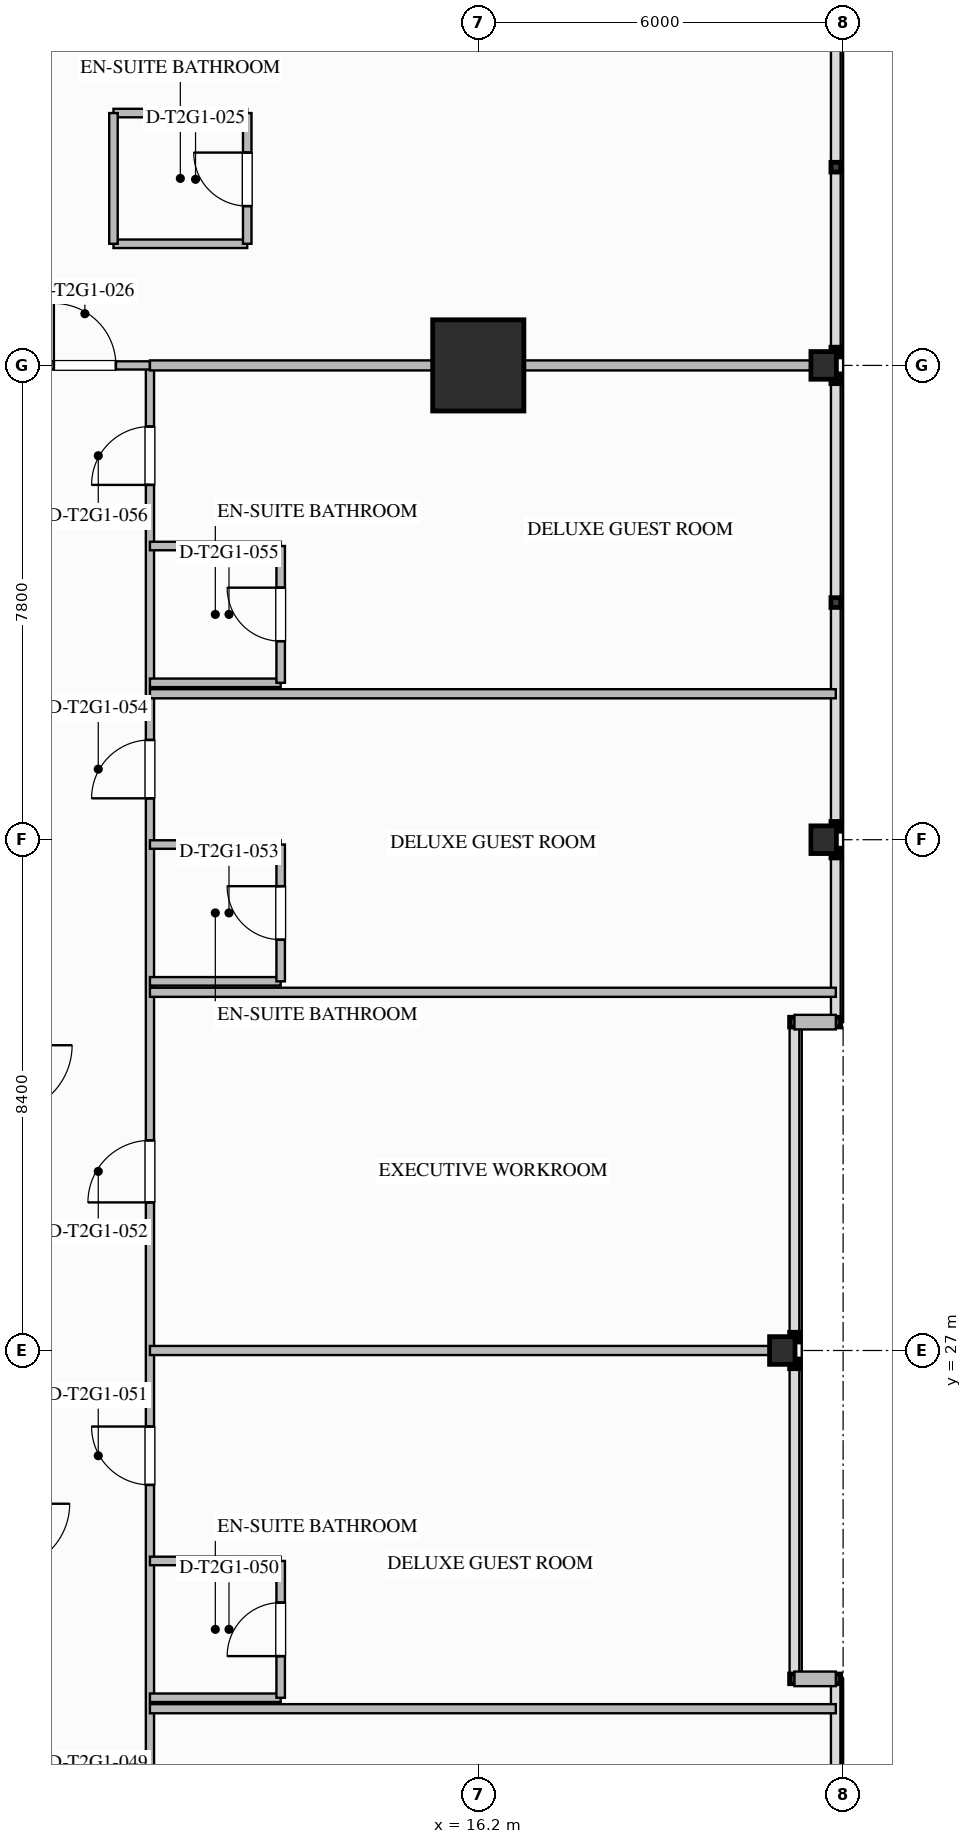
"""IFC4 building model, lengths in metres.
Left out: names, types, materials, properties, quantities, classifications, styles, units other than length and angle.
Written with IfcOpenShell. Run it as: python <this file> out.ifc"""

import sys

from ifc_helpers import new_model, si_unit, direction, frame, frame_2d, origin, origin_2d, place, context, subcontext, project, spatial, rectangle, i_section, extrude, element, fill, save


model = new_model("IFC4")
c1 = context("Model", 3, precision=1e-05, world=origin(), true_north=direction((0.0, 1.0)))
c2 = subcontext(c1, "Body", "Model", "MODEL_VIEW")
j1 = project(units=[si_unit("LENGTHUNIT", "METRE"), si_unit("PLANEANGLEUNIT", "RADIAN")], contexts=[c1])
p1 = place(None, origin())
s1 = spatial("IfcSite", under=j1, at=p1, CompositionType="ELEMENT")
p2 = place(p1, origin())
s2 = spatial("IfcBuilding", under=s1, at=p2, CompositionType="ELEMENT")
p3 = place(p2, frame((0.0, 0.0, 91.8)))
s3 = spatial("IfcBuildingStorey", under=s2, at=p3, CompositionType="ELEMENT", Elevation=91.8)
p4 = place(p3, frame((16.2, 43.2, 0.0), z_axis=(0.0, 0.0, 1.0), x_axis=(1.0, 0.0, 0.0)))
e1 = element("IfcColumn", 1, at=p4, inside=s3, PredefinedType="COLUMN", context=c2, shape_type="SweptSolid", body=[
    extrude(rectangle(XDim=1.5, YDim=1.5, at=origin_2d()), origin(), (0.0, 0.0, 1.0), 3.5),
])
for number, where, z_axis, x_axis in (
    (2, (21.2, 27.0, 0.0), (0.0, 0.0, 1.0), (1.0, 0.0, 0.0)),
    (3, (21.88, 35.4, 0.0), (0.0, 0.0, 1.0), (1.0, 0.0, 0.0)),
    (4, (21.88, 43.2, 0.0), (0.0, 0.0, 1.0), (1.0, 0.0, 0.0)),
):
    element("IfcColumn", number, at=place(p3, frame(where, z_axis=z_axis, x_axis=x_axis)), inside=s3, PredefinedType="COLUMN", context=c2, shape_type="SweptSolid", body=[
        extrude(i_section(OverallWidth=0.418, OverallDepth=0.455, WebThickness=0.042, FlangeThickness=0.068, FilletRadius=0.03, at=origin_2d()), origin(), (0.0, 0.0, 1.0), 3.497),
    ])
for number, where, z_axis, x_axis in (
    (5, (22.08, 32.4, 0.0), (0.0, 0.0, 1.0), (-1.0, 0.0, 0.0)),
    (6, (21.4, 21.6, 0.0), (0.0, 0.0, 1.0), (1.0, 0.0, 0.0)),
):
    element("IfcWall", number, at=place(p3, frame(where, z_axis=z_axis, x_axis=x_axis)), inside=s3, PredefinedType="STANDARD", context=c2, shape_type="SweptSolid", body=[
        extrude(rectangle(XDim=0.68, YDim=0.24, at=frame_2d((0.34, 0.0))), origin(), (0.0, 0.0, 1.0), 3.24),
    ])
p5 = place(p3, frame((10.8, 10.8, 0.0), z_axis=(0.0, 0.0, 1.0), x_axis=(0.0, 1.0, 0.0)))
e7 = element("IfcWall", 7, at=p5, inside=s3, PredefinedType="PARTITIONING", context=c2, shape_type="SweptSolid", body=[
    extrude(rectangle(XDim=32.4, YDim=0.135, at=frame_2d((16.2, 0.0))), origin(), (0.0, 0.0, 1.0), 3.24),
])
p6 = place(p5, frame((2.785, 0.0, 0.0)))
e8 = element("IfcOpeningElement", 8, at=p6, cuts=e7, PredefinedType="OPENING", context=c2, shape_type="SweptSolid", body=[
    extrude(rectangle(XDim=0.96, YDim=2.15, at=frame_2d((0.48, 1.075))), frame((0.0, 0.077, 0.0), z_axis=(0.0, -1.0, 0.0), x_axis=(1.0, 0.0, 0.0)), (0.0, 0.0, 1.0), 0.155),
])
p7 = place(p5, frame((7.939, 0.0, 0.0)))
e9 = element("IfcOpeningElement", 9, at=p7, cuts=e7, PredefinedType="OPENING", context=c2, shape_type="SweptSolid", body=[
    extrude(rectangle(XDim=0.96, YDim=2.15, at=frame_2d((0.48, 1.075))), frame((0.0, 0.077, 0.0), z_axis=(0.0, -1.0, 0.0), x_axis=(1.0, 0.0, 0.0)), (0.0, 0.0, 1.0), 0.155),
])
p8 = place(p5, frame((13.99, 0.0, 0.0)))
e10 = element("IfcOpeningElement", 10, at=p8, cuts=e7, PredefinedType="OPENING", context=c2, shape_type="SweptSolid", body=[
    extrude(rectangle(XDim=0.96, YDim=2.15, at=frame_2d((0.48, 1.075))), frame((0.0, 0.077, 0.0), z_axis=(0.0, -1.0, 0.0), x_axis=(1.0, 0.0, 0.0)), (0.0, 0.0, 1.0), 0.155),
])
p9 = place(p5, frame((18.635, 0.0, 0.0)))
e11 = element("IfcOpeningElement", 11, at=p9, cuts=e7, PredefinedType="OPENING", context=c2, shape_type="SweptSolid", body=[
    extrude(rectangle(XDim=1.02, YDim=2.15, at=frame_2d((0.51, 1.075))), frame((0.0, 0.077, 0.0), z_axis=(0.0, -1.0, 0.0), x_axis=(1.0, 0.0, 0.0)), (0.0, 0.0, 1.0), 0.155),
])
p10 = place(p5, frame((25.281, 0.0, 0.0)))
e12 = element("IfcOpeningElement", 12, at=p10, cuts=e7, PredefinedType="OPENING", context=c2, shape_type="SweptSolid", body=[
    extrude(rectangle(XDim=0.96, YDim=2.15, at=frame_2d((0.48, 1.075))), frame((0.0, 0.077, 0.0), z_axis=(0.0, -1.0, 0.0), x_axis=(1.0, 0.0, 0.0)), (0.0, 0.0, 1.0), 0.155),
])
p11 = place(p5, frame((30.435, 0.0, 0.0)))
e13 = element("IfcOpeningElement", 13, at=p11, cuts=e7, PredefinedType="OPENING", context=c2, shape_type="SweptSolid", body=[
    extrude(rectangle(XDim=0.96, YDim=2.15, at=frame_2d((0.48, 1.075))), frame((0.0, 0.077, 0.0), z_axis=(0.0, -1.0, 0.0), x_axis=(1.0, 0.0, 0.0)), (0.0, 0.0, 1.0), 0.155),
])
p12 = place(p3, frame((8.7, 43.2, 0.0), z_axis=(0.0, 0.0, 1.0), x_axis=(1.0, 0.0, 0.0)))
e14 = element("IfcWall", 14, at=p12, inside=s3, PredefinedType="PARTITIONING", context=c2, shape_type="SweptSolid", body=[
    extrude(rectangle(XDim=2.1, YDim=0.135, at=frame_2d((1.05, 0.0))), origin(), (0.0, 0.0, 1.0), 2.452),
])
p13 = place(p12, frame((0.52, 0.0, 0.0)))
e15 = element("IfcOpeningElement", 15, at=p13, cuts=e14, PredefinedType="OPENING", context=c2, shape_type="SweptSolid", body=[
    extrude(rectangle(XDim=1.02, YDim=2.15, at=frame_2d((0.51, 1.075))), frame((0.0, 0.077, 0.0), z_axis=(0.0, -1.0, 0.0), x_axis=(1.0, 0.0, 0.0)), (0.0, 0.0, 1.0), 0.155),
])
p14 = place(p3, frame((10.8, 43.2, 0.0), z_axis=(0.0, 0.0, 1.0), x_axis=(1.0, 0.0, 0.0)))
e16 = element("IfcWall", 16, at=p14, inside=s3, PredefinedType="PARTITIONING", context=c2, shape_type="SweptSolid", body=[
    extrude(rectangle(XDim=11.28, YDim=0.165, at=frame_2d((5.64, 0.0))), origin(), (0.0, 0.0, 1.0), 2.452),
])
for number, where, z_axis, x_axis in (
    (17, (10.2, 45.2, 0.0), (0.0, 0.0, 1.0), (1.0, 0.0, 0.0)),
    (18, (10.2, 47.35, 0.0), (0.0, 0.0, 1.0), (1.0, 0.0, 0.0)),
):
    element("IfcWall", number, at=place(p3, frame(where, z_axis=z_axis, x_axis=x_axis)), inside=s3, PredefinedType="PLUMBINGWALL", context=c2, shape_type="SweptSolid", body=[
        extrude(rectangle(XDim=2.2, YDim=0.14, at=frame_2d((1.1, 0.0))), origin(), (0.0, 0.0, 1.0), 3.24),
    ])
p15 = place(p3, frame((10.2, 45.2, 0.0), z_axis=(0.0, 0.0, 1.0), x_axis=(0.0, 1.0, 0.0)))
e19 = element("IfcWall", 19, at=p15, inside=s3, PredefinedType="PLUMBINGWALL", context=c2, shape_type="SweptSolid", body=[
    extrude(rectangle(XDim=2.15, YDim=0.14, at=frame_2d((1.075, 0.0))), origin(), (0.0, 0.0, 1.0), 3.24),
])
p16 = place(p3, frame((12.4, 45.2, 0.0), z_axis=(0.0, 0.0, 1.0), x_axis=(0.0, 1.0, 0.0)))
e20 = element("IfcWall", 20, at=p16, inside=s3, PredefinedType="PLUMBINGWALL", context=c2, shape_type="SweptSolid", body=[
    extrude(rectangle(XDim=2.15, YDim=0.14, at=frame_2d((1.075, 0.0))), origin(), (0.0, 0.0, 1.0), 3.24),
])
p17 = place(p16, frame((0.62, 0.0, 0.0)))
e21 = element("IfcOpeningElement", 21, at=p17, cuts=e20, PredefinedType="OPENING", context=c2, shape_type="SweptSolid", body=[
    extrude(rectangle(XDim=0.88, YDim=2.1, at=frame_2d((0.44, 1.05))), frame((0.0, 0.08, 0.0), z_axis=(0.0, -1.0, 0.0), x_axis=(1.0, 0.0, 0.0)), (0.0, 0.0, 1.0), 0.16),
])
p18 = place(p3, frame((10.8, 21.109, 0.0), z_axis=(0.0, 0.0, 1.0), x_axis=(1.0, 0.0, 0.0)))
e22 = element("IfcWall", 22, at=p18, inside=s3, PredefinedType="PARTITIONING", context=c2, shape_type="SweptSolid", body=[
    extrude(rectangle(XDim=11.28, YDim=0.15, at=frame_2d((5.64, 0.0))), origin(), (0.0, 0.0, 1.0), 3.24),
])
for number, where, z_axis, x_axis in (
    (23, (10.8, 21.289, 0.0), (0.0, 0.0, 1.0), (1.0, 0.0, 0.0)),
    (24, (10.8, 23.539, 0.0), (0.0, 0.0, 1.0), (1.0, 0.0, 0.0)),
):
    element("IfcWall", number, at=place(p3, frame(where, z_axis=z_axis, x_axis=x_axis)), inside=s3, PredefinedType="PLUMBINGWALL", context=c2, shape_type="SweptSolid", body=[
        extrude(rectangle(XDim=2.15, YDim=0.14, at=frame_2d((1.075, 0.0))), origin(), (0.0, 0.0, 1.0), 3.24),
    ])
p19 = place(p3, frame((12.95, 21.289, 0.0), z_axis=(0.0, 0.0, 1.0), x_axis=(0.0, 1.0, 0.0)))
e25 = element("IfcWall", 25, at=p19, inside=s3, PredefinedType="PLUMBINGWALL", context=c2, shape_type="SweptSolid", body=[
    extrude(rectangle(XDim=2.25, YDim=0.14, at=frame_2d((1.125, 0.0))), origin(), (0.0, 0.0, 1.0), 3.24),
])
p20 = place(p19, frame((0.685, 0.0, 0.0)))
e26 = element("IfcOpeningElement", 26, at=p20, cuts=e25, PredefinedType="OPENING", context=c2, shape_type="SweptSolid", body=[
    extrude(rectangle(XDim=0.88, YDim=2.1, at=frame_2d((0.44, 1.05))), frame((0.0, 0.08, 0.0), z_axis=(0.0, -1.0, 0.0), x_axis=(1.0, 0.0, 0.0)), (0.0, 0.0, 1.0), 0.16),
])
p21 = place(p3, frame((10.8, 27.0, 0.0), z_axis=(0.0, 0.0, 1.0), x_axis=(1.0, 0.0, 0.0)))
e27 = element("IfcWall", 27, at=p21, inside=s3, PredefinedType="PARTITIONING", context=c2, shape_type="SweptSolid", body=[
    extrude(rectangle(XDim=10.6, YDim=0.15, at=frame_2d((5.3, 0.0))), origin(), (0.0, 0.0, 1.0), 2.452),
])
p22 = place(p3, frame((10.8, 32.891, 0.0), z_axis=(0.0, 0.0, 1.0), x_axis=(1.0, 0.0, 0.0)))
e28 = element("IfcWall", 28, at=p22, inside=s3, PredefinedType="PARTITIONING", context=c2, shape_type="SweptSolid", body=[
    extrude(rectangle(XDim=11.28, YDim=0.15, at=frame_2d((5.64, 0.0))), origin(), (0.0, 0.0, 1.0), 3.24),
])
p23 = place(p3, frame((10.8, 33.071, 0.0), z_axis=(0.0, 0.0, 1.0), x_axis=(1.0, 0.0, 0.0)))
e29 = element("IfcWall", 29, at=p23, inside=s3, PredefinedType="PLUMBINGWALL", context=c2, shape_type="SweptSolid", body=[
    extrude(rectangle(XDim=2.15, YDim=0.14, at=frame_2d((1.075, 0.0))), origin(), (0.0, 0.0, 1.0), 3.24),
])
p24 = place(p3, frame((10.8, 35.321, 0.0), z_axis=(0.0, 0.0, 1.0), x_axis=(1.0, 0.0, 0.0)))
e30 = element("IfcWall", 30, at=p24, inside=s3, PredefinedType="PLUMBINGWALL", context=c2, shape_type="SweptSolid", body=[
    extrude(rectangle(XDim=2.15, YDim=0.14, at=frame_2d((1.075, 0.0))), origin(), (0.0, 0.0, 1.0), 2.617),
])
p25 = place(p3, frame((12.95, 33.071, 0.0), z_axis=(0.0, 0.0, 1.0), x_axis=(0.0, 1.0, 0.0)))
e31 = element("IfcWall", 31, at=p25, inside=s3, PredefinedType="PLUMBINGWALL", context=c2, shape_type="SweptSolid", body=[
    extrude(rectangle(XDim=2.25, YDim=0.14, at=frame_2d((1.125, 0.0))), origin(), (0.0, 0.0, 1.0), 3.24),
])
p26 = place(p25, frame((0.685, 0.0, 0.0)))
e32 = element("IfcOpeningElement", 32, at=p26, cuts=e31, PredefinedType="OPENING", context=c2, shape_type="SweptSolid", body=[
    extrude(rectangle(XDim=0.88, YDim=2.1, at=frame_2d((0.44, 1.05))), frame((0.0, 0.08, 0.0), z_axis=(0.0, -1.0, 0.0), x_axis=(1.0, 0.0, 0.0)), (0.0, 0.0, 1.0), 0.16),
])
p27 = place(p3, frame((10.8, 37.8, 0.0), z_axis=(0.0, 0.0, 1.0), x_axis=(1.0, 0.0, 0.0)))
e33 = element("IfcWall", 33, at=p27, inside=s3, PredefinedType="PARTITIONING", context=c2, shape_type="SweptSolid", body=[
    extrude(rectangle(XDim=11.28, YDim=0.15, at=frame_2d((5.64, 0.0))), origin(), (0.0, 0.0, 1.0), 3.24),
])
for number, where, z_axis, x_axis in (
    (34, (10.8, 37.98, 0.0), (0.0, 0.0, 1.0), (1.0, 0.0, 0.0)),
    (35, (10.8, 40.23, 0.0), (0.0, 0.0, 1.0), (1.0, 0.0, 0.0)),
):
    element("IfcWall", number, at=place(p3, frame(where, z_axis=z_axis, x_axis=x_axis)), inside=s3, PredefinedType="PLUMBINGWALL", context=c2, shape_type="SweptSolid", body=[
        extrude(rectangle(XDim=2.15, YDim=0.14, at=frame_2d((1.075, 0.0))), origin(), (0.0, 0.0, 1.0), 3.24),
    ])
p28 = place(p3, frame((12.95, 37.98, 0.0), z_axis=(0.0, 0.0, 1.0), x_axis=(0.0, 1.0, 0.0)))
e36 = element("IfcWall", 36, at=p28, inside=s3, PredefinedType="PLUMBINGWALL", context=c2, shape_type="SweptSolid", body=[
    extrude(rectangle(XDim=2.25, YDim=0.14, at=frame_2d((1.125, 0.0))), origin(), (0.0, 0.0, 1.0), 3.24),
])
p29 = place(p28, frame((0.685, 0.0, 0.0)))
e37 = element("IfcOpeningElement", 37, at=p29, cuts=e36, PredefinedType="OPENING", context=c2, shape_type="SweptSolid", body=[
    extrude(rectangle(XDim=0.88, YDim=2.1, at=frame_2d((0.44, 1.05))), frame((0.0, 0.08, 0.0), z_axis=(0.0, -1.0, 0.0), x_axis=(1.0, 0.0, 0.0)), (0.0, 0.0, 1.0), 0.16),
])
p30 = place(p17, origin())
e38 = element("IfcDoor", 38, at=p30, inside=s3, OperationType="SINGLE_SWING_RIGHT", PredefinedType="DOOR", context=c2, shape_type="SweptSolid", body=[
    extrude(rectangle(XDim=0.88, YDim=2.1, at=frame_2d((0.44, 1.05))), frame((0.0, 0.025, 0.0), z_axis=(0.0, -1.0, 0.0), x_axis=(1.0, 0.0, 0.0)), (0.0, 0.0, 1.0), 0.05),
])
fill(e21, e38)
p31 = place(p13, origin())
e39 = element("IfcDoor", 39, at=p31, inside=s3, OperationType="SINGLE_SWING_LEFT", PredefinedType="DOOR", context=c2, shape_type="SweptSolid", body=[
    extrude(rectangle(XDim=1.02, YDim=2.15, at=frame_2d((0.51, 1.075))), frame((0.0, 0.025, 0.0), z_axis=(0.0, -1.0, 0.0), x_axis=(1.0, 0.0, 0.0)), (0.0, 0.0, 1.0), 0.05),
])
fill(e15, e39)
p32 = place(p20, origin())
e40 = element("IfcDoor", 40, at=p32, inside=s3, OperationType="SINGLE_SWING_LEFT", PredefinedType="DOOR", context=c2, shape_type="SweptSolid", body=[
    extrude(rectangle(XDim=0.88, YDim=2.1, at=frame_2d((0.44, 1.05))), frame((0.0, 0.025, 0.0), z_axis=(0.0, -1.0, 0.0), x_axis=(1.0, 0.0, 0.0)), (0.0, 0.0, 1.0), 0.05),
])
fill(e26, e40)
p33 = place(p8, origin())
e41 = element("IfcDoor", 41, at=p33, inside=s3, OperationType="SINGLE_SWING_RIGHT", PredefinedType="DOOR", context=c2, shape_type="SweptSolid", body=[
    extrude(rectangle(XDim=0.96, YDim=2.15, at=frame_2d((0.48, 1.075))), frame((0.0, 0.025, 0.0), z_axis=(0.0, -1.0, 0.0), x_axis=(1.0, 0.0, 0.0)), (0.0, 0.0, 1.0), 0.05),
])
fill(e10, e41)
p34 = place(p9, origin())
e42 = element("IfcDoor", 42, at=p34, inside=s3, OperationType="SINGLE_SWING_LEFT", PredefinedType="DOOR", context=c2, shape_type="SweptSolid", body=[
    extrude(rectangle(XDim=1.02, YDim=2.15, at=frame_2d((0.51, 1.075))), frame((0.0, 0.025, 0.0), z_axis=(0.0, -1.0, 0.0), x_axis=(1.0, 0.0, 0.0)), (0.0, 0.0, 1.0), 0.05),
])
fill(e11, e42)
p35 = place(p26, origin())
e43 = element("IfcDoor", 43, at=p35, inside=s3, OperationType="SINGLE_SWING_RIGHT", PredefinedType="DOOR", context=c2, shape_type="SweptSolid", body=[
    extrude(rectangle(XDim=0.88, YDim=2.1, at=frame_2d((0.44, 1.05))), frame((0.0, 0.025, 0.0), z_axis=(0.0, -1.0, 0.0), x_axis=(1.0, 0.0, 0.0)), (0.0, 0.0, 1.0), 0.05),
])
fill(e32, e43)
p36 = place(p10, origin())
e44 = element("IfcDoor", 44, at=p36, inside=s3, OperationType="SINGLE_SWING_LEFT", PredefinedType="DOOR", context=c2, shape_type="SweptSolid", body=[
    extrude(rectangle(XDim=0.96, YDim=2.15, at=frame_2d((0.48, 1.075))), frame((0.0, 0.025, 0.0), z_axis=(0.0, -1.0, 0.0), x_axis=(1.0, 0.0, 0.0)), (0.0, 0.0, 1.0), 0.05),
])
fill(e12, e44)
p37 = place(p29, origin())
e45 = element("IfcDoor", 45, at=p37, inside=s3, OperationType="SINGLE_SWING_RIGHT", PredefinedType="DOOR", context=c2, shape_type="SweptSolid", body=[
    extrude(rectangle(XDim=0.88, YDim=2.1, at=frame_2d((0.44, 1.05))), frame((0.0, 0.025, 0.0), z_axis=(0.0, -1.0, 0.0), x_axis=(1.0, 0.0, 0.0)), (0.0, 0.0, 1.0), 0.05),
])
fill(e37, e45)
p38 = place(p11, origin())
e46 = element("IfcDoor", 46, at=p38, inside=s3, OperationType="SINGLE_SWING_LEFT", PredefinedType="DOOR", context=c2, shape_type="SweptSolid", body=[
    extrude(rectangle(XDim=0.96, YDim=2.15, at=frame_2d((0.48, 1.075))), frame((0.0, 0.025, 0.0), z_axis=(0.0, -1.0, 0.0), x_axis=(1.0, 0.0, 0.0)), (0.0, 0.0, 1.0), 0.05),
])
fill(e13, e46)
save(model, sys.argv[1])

+--

**Problem:** Take every line of the material that contains the word "units", and copy it.

**Task result:**
Left out: names, types, materials, properties, quantities, classifications, styles, units other than length and angle.
j1 = project(units=[si_unit("LENGTHUNIT", "METRE"), si_unit("PLANEANGLEUNIT", "RADIAN")], contexts=[c1])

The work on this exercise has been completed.